■ **Dataset entries**:
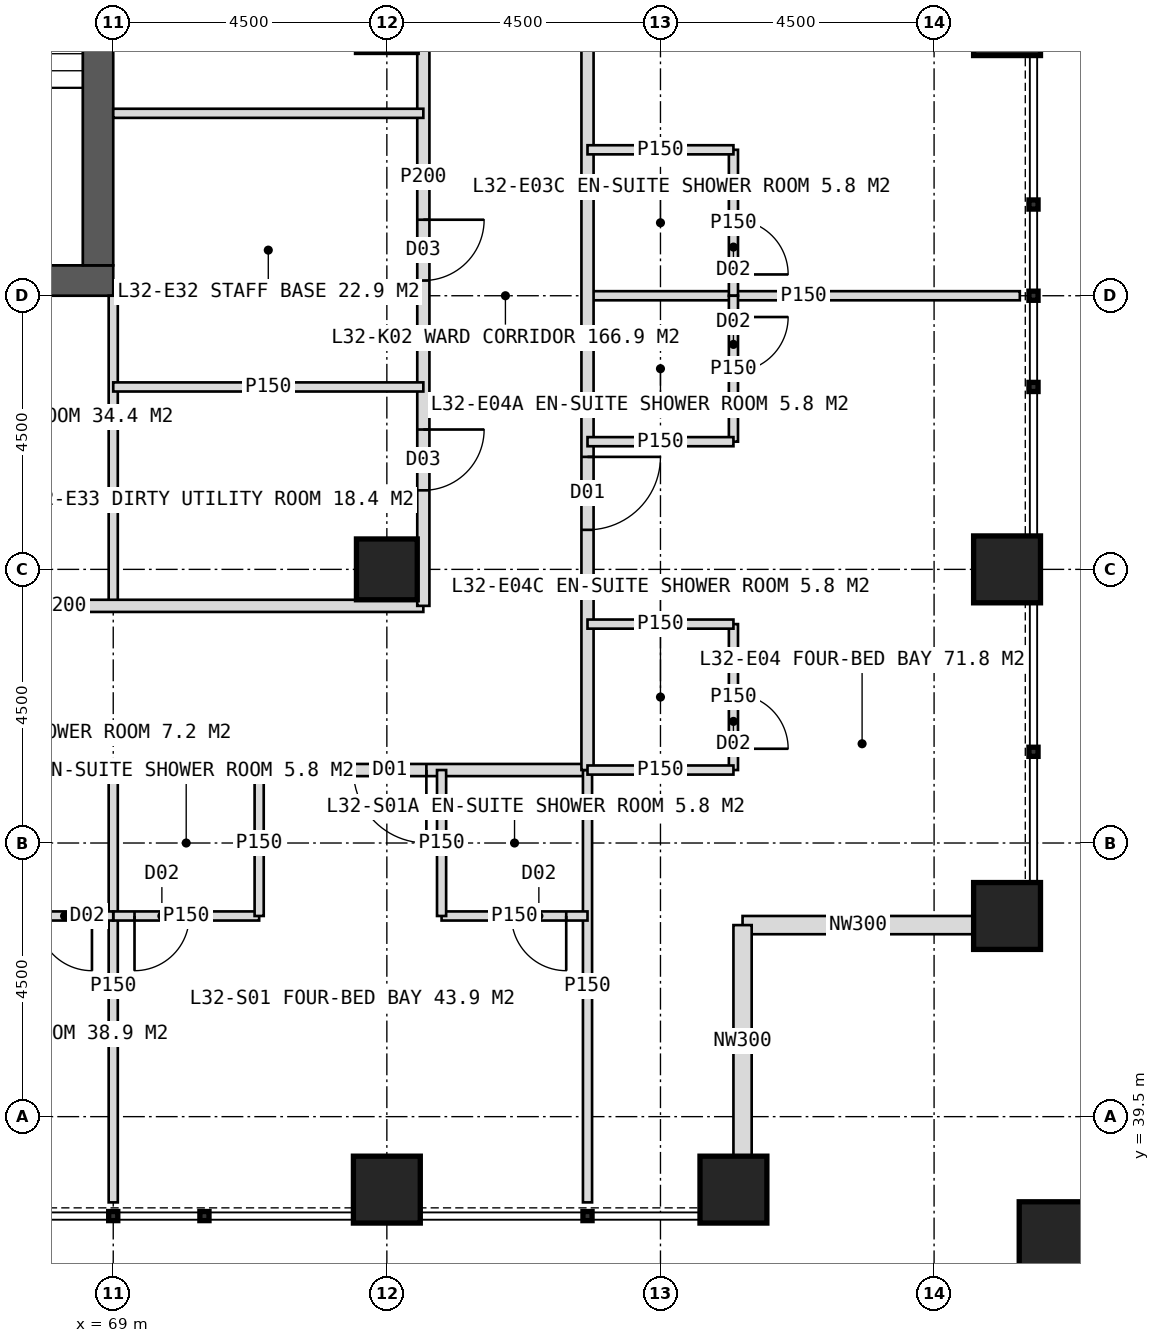
"""IFC4 building model, lengths in metres.
Left out: names, types, materials, properties, quantities, classifications, styles, units other than length and angle.
Written with IfcOpenShell. Run it as: python <this file> out.ifc"""

import sys

from ifc_helpers import new_model, si_unit, direction, frame, frame_2d, origin, origin_2d, place, context, subcontext, project, spatial, rectangle, hollow_rectangle, extrude, element, fill, save


model = new_model("IFC4")
c1 = context("Model", 3, precision=1e-05, world=origin(), true_north=direction((0.0, 1.0)))
c2 = subcontext(c1, "Body", "Model", "MODEL_VIEW")
j1 = project(units=[si_unit("LENGTHUNIT", "METRE"), si_unit("PLANEANGLEUNIT", "RADIAN")], contexts=[c1])
p1 = place(None, origin())
s1 = spatial("IfcSite", under=j1, at=p1, CompositionType="ELEMENT")
p2 = place(p1, origin())
s2 = spatial("IfcBuilding", under=s1, at=p2, CompositionType="ELEMENT")
p3 = place(p2, frame((0.0, 0.0, 136.0)))
s3 = spatial("IfcBuildingStorey", under=s2, at=p3, CompositionType="ELEMENT", Elevation=136.0)
p4 = place(p3, frame((51.0, 53.25, 0.0), z_axis=(0.0, 0.0, 1.0), x_axis=(1.0, 0.0, 0.0)))
e1 = element("IfcWall", 1, at=p4, inside=s3, PredefinedType="SHEAR", context=c2, shape_type="SweptSolid", body=[
    extrude(rectangle(XDim=18.0, YDim=0.5, at=frame_2d((9.0, 0.0))), origin(), (0.0, 0.0, 1.0), 4.0),
])
p5 = place(p4, frame((8.1, 0.0, 0.0)))
e2 = element("IfcOpeningElement", 2, at=p5, cuts=e1, PredefinedType="OPENING", context=c2, shape_type="SweptSolid", body=[
    extrude(rectangle(XDim=1.8, YDim=2.2, at=frame_2d((0.9, 1.1))), frame((0.0, 0.26, 0.0), z_axis=(0.0, -1.0, 0.0), x_axis=(1.0, 0.0, 0.0)), (0.0, 0.0, 1.0), 0.52),
])
p6 = place(p3, frame((68.75, 53.5, 0.0), z_axis=(0.0, 0.0, 1.0), x_axis=(0.0, 1.0, 0.0)))
e3 = element("IfcWall", 3, at=p6, inside=s3, PredefinedType="SHEAR", context=c2, shape_type="SweptSolid", body=[
    extrude(rectangle(XDim=17.0, YDim=0.5, at=frame_2d((8.5, 0.0))), origin(), (0.0, 0.0, 1.0), 4.0),
])
p7 = place(p6, frame((9.5, 0.0, 0.0)))
e4 = element("IfcOpeningElement", 4, at=p7, cuts=e3, PredefinedType="OPENING", context=c2, shape_type="SweptSolid", body=[
    extrude(rectangle(XDim=1.5, YDim=2.2, at=frame_2d((0.75, 1.1))), frame((0.0, 0.26, 0.0), z_axis=(0.0, -1.0, 0.0), x_axis=(1.0, 0.0, 0.0)), (0.0, 0.0, 1.0), 0.52),
])
p8 = place(p3, frame((73.5, 48.5, 0.0), z_axis=(0.0, 0.0, 1.0), x_axis=(1.0, 0.0, 0.0)))
e5 = element("IfcColumn", 5, at=p8, inside=s3, PredefinedType="COLUMN", context=c2, shape_type="SweptSolid", body=[
    extrude(hollow_rectangle(XDim=1.0, YDim=1.0, WallThickness=0.1, at=origin_2d()), origin(), (0.0, 0.0, 1.0), 4.0),
])
for number, where, z_axis, x_axis in (
    (6, (83.7, 42.8, 0.0), (0.0, 0.0, 1.0), (1.0, 0.0, 0.0)),
    (7, (83.7, 48.5, 0.0), (0.0, 0.0, 1.0), (1.0, 0.0, 0.0)),
    (8, (83.7, 57.5, 0.0), (0.0, 0.0, 1.0), (1.0, 0.0, 0.0)),
    (9, (73.5, 38.3, 0.0), (0.0, 0.0, 1.0), (1.0, 0.0, 0.0)),
    (10, (79.2, 38.3, 0.0), (0.0, 0.0, 1.0), (1.0, 0.0, 0.0)),
):
    element("IfcColumn", number, at=place(p3, frame(where, z_axis=z_axis, x_axis=x_axis)), inside=s3, PredefinedType="COLUMN", context=c2, shape_type="SweptSolid", body=[
        extrude(hollow_rectangle(XDim=1.1, YDim=1.1, WallThickness=0.1, at=origin_2d()), origin(), (0.0, 0.0, 1.0), 4.0),
    ])
p9 = place(p3, frame((84.6, 37.4, 0.0), z_axis=(0.0, 0.0, 1.0), x_axis=(1.0, 0.0, 0.0)))
e11 = element("IfcColumn", 11, at=p9, inside=s3, PredefinedType="COLUMN", context=c2, shape_type="SweptSolid", body=[
    extrude(hollow_rectangle(XDim=1.4, YDim=1.4, WallThickness=0.08, at=origin_2d()), origin(), (0.0, 0.0, 1.0), 4.0),
])
for number, where, z_axis, x_axis in (
    (12, (83.15, 42.65, 0.0), (0.0, 0.0, 1.0), (-1.0, 0.0, 0.0)),
    (13, (79.35, 42.65, 0.0), (0.0, 0.0, 1.0), (0.0, -1.0, 0.0)),
):
    element("IfcWall", number, at=place(p3, frame(where, z_axis=z_axis, x_axis=x_axis)), inside=s3, PredefinedType="ELEMENTEDWALL", context=c2, shape_type="SweptSolid", body=[
        extrude(rectangle(XDim=3.8, YDim=0.3, at=frame_2d((1.9, 0.0))), origin(), (0.0, 0.0, 1.0), 4.0),
    ])
p10 = place(p3, frame((69.0, 45.2, 0.0), z_axis=(0.0, 0.0, 1.0), x_axis=(0.0, -1.0, 0.0)))
e14 = element("IfcWall", 14, at=p10, inside=s3, PredefinedType="PARTITIONING", context=c2, shape_type="SweptSolid", body=[
    extrude(rectangle(XDim=7.11, YDim=0.15, at=frame_2d((3.555, 0.0))), origin(), (0.0, 0.0, 1.0), 3.75),
])
p11 = place(p3, frame((76.8, 45.2, 0.0), z_axis=(0.0, 0.0, 1.0), x_axis=(-1.0, 0.0, 0.0)))
e15 = element("IfcWall", 15, at=p11, inside=s3, PredefinedType="PARTITIONING", context=c2, shape_type="SweptSolid", body=[
    extrude(rectangle(XDim=33.6, YDim=0.2, at=frame_2d((16.8, 0.0))), origin(), (0.0, 0.0, 1.0), 3.75),
])
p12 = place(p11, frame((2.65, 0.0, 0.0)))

■ **Prompt**: Return from the data every line that holds "cuts".

■ **Task solution**:
e2 = element("IfcOpeningElement", 2, at=p5, cuts=e1, PredefinedType="OPENING", context=c2, shape_type="SweptSolid", body=[
e4 = element("IfcOpeningElement", 4, at=p7, cuts=e3, PredefinedType="OPENING", context=c2, shape_type="SweptSolid", body=[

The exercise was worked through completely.